** WHAT IS EXPECTED **
Search each line of the data for the word "subcontext"; copy every line where it is found.

Top of INPUT MATERIAL

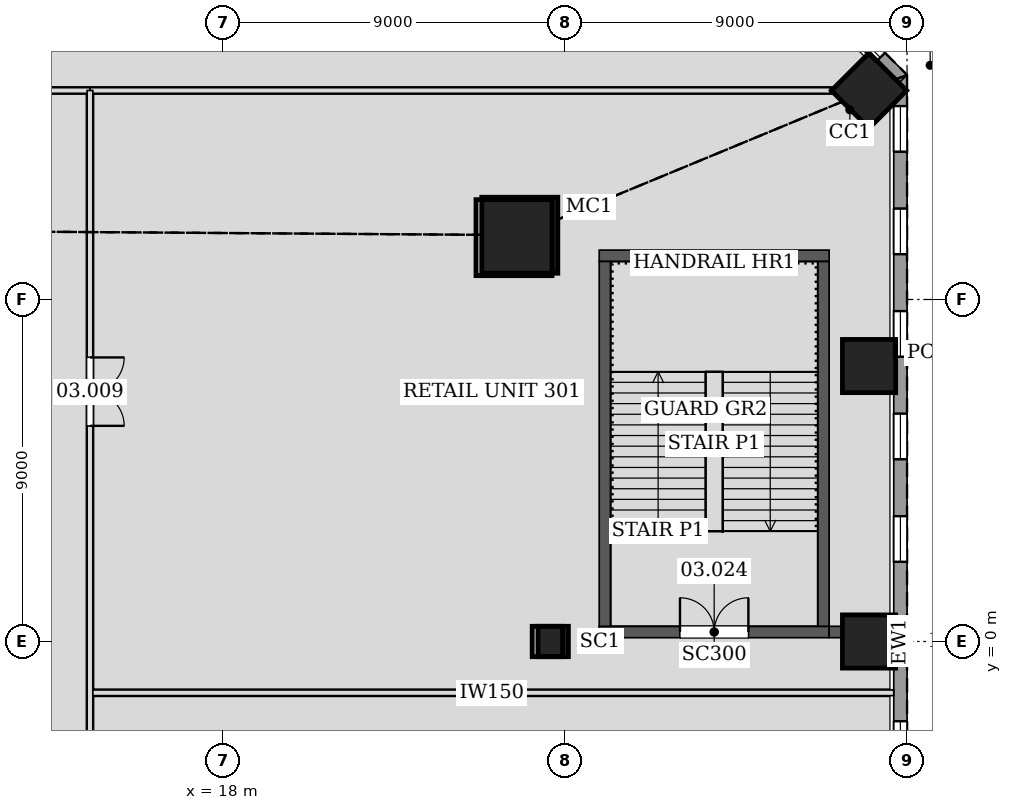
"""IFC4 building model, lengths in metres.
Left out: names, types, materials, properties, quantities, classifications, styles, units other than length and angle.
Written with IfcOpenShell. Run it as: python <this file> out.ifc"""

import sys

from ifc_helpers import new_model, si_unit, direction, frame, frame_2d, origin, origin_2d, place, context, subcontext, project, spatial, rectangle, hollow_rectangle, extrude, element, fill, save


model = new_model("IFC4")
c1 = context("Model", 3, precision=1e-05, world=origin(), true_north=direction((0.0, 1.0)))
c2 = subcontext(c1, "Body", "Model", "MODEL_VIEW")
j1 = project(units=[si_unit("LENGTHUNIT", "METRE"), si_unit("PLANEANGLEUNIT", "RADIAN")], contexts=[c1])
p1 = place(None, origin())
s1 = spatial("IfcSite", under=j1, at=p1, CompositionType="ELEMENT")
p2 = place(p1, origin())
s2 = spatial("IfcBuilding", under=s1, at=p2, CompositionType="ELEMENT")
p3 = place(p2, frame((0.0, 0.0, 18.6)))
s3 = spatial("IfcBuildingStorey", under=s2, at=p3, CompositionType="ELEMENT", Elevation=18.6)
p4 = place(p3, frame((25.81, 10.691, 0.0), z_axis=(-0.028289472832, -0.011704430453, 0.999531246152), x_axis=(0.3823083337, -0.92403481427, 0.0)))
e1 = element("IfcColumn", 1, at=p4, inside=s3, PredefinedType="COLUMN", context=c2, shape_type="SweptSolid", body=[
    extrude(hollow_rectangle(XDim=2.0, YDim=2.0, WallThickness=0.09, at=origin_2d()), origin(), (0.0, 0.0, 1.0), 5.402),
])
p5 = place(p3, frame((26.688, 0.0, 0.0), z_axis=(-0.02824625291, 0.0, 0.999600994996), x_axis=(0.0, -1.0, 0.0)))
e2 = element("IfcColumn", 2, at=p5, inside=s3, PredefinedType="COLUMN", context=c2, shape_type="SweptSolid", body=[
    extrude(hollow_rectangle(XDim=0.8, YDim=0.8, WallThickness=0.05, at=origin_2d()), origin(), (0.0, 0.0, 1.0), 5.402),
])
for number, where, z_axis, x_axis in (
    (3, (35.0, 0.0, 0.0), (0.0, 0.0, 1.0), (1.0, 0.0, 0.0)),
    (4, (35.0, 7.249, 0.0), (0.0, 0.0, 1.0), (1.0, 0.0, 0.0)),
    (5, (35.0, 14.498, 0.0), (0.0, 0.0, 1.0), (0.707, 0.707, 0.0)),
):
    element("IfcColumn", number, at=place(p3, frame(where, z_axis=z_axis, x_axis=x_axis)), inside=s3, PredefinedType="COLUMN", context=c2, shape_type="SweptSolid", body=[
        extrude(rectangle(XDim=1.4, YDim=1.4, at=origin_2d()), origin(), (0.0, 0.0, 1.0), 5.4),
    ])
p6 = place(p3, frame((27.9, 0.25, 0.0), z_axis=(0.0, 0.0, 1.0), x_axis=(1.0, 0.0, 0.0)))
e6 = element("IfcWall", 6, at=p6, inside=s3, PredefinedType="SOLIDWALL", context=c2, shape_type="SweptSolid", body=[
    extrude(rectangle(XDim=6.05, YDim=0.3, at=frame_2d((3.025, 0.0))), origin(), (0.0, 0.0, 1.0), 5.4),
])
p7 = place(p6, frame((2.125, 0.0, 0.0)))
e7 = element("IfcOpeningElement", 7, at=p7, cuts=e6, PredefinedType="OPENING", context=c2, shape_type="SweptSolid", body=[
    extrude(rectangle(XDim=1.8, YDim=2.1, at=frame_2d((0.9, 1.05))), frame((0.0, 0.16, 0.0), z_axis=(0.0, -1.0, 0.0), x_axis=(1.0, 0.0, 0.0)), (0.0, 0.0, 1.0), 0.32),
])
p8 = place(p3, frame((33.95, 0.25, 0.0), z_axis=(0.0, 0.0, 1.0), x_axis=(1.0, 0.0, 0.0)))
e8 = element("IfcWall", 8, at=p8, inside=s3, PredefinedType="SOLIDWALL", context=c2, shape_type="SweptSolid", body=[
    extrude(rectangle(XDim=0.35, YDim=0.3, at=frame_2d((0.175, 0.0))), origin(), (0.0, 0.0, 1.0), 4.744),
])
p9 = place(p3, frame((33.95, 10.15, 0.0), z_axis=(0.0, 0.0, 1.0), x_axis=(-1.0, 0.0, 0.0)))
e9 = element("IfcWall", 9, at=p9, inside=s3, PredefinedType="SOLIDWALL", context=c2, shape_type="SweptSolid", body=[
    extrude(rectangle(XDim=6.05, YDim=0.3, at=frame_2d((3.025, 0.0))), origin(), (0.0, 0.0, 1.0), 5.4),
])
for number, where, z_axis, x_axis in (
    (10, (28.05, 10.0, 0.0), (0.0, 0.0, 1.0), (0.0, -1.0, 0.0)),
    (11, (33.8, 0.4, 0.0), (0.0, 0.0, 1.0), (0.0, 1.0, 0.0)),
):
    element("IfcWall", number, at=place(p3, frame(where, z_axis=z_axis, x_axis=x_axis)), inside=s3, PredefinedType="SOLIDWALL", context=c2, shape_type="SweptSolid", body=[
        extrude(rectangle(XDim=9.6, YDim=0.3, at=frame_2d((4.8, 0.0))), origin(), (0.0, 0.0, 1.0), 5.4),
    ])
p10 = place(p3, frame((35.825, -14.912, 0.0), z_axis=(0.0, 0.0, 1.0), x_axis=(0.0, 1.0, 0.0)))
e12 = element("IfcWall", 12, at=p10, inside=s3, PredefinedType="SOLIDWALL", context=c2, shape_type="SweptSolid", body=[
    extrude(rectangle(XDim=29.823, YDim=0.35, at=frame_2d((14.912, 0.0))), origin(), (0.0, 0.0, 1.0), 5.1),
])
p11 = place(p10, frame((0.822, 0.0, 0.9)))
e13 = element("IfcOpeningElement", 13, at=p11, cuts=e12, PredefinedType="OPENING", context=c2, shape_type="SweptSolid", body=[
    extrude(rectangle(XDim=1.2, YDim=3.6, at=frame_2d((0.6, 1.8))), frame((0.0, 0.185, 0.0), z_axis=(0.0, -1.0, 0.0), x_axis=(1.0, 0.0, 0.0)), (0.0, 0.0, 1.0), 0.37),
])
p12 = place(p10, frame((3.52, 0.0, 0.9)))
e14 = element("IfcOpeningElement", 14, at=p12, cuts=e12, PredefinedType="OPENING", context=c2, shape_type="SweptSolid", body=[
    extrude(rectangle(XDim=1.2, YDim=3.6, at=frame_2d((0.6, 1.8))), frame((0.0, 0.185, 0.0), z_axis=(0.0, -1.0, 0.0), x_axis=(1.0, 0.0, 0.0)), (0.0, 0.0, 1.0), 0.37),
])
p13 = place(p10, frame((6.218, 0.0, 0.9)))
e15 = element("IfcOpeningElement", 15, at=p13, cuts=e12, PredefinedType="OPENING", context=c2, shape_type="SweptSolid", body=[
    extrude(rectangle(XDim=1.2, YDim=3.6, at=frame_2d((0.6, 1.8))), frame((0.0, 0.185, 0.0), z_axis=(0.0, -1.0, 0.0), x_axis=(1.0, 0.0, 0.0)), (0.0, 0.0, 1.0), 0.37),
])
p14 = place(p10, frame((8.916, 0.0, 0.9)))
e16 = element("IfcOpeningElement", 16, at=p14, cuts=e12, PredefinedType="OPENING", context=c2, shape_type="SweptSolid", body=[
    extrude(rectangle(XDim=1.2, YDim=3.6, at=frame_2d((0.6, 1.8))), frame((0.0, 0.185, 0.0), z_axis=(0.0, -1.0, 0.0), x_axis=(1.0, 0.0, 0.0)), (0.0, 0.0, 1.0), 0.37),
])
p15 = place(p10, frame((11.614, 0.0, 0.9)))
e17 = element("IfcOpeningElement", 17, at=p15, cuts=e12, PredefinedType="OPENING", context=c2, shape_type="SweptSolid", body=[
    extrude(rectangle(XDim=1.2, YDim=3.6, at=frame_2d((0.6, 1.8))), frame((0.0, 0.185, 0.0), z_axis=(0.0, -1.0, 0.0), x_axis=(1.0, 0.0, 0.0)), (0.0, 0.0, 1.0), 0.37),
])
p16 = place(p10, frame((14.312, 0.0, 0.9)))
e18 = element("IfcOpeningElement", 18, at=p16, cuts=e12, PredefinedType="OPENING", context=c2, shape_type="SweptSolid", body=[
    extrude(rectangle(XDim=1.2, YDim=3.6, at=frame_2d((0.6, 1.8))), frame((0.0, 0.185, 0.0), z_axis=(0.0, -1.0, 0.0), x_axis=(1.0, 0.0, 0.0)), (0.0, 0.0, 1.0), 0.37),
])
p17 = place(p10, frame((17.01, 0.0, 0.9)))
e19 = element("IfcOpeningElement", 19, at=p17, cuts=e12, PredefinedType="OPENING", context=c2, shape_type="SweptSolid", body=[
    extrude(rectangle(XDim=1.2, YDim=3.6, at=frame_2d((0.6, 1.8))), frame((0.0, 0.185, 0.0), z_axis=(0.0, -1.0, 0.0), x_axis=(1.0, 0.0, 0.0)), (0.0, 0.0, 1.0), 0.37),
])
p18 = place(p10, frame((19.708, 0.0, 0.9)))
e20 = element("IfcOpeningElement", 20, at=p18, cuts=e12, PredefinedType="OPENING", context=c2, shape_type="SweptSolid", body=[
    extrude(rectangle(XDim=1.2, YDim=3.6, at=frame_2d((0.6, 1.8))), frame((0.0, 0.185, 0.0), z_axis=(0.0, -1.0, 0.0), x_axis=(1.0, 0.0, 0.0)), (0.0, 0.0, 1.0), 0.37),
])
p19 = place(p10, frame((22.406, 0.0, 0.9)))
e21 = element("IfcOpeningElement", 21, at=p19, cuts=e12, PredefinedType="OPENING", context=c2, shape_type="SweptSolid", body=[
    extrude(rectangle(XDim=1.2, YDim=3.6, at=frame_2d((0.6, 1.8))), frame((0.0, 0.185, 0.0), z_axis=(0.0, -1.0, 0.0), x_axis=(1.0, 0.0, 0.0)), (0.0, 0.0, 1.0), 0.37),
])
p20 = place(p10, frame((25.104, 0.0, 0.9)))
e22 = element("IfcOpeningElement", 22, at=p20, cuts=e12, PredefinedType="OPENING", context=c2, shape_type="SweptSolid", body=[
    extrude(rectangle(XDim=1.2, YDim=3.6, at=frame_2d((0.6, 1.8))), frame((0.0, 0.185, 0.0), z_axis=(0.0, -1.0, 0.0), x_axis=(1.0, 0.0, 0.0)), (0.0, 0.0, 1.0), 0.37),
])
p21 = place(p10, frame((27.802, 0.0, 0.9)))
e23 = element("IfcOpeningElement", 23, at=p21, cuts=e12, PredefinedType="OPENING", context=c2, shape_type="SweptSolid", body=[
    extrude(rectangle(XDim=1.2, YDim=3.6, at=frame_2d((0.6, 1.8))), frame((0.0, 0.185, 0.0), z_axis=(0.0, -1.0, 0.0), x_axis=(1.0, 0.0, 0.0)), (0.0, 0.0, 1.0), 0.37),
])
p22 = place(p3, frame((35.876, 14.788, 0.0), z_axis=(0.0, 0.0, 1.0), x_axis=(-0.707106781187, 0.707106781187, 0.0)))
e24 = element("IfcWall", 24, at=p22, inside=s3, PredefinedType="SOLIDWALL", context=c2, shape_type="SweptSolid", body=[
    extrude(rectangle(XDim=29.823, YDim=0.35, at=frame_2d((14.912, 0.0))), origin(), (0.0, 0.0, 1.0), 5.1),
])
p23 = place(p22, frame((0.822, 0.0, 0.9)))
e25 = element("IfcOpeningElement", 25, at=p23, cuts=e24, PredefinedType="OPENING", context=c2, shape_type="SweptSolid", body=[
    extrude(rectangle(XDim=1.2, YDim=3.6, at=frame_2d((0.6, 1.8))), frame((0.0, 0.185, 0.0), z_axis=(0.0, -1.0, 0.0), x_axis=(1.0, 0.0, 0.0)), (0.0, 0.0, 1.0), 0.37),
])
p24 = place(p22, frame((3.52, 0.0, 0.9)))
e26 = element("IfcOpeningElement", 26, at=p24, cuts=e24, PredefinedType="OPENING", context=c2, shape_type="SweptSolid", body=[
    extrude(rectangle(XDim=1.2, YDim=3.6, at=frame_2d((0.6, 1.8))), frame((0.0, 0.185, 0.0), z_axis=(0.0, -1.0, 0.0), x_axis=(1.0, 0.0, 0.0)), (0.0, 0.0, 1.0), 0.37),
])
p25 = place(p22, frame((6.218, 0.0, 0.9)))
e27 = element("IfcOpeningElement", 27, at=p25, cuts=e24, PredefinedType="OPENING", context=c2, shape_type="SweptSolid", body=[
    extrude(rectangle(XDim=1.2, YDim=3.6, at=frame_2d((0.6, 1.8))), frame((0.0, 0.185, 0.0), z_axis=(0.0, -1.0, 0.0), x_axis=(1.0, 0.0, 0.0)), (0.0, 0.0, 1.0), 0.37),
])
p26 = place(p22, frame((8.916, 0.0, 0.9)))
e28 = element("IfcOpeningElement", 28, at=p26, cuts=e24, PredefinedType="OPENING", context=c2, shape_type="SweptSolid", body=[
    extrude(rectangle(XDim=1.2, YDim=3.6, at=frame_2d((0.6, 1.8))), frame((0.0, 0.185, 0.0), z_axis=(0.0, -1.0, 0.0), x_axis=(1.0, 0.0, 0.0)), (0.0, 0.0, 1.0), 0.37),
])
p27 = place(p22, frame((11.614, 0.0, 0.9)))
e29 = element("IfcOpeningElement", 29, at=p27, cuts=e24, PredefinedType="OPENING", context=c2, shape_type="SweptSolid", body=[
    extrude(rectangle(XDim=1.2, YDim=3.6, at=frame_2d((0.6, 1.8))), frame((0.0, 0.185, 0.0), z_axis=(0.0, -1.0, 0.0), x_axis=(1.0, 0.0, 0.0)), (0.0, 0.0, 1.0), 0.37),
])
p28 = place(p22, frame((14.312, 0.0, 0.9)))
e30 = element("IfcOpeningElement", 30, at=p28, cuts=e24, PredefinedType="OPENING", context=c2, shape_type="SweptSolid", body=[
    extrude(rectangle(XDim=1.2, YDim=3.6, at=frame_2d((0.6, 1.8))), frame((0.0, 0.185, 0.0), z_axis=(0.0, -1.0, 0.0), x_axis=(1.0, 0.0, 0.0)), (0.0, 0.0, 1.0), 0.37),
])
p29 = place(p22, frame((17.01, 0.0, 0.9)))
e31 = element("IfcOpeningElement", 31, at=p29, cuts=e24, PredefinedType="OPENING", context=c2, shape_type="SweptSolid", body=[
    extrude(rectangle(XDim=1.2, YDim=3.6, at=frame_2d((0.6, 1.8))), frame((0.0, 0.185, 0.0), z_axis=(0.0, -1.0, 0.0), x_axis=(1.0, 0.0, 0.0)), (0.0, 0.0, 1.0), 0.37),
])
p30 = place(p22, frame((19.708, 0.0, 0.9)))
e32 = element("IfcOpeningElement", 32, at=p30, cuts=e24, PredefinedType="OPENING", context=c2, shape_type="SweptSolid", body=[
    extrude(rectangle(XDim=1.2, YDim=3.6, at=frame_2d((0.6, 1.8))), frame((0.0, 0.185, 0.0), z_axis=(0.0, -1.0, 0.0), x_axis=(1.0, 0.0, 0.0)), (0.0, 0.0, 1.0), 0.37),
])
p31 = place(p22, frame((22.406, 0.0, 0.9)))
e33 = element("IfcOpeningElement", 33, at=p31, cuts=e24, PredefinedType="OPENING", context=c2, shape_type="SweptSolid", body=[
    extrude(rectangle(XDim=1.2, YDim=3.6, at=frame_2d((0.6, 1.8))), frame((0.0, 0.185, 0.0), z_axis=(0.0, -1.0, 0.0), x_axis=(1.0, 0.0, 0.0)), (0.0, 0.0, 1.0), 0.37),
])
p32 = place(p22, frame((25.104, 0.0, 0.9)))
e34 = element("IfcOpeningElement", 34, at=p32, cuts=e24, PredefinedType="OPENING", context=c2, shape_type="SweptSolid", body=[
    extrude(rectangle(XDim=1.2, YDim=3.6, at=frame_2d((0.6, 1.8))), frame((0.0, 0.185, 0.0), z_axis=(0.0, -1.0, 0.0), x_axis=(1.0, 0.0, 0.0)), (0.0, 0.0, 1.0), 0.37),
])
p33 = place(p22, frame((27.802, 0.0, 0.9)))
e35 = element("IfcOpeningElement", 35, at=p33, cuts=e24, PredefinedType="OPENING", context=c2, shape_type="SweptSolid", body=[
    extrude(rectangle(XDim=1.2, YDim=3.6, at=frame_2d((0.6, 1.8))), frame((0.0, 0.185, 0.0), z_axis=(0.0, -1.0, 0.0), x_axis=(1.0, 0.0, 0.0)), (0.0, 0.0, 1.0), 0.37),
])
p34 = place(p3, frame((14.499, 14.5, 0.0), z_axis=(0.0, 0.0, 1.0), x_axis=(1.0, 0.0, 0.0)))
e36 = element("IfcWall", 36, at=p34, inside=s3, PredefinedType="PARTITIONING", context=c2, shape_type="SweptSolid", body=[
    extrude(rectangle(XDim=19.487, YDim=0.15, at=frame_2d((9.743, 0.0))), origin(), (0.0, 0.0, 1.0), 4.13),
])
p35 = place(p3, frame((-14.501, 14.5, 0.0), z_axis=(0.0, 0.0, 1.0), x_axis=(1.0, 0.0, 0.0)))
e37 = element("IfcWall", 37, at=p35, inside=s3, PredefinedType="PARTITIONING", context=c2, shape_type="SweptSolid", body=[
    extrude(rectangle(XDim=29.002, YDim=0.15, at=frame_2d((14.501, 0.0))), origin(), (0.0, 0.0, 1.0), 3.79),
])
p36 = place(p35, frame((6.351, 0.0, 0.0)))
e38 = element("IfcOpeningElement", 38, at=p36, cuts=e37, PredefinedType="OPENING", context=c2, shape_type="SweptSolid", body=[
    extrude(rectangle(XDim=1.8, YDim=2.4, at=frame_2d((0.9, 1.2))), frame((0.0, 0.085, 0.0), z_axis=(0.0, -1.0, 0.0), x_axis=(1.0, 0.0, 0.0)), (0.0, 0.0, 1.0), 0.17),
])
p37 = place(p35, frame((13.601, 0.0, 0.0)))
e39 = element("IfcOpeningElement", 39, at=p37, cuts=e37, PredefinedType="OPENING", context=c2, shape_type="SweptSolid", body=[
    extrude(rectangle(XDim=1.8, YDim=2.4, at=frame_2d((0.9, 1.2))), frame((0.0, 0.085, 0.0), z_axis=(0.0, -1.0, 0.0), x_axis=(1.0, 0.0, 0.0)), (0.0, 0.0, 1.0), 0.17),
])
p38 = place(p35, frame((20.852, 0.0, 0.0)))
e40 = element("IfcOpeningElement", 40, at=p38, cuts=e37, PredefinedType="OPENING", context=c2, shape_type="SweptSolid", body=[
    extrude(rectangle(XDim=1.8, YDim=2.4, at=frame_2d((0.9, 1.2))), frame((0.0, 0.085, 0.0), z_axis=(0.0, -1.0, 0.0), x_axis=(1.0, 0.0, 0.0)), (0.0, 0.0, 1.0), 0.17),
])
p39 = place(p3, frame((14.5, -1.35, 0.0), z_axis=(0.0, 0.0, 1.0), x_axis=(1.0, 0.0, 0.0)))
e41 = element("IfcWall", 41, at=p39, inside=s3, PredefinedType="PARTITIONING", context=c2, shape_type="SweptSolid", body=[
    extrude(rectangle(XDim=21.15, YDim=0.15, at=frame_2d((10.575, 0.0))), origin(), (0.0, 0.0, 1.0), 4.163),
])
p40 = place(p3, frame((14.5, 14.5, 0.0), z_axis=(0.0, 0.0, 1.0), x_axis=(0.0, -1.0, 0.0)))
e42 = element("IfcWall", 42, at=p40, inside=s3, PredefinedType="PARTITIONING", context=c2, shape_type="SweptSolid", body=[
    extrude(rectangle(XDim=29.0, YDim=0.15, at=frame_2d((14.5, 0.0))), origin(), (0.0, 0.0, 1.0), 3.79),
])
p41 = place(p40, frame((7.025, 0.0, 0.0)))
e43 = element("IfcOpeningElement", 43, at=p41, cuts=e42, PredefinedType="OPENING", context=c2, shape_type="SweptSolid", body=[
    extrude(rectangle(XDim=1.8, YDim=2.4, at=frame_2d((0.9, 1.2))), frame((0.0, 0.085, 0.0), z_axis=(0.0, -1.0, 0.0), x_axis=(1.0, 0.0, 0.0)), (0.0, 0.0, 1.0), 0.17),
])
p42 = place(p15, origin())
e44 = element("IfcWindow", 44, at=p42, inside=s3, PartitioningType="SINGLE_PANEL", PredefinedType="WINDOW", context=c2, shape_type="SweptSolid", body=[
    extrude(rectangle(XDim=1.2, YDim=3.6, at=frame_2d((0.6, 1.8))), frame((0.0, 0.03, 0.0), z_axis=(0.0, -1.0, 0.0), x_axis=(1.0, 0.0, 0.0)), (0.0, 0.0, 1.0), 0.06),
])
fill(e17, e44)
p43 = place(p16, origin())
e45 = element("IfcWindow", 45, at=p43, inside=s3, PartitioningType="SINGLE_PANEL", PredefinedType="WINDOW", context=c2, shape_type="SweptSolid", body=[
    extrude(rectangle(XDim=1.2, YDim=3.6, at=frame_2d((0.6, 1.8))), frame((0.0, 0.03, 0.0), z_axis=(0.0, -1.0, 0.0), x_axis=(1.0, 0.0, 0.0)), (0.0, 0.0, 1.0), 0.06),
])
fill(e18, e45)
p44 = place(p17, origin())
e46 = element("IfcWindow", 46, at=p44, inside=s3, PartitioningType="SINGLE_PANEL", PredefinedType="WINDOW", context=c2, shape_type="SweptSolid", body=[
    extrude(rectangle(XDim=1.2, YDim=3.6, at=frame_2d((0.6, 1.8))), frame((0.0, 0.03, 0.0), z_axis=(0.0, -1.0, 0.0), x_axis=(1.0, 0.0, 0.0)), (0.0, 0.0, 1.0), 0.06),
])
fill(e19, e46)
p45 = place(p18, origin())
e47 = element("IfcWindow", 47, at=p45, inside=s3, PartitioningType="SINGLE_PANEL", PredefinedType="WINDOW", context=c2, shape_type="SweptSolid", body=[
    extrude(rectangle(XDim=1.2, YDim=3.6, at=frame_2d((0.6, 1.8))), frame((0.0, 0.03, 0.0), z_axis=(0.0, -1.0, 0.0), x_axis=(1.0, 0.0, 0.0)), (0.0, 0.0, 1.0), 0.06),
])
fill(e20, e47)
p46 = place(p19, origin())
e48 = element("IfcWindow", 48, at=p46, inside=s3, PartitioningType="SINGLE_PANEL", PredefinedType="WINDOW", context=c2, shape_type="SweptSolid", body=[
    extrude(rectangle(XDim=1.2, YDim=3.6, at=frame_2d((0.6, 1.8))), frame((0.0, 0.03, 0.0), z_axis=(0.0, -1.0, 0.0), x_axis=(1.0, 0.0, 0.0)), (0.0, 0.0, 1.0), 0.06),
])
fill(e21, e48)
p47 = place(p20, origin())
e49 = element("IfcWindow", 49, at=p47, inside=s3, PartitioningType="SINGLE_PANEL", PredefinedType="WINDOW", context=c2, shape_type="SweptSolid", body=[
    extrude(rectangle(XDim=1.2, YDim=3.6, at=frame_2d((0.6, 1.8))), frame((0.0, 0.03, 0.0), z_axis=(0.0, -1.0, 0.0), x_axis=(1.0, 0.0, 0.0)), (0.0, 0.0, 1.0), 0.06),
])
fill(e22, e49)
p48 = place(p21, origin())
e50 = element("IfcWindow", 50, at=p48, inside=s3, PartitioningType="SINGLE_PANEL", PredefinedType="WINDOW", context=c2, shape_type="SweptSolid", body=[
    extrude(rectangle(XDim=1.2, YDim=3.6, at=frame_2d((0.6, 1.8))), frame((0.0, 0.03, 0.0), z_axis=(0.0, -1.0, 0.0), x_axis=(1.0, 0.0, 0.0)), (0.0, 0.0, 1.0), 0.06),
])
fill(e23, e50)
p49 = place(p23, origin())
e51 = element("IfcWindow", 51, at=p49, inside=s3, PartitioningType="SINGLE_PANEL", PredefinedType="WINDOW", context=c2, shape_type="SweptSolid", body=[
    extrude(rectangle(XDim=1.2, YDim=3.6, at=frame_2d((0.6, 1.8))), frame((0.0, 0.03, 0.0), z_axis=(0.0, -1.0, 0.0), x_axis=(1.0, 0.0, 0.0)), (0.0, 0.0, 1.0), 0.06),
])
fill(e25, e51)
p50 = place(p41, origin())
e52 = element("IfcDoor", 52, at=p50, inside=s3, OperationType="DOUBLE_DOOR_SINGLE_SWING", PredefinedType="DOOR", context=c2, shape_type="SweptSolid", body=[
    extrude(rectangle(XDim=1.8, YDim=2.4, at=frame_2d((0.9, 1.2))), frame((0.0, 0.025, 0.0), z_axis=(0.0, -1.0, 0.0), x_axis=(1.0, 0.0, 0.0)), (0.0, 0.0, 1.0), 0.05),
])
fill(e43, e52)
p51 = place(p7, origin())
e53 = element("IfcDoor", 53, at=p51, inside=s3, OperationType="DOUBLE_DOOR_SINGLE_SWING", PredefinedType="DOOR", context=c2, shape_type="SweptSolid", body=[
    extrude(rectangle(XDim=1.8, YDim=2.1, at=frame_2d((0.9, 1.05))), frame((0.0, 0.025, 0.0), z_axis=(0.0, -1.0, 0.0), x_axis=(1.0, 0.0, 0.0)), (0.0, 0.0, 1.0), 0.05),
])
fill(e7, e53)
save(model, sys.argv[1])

Bottom of INPUT MATERIAL

** ANSWER FOR THIS EXERCISE **
from ifc_helpers import new_model, si_unit, direction, frame, frame_2d, origin, origin_2d, place, context, subcontext, project, spatial, rectangle, hollow_rectangle, extrude, element, fill, save
c2 = subcontext(c1, "Body", "Model", "MODEL_VIEW")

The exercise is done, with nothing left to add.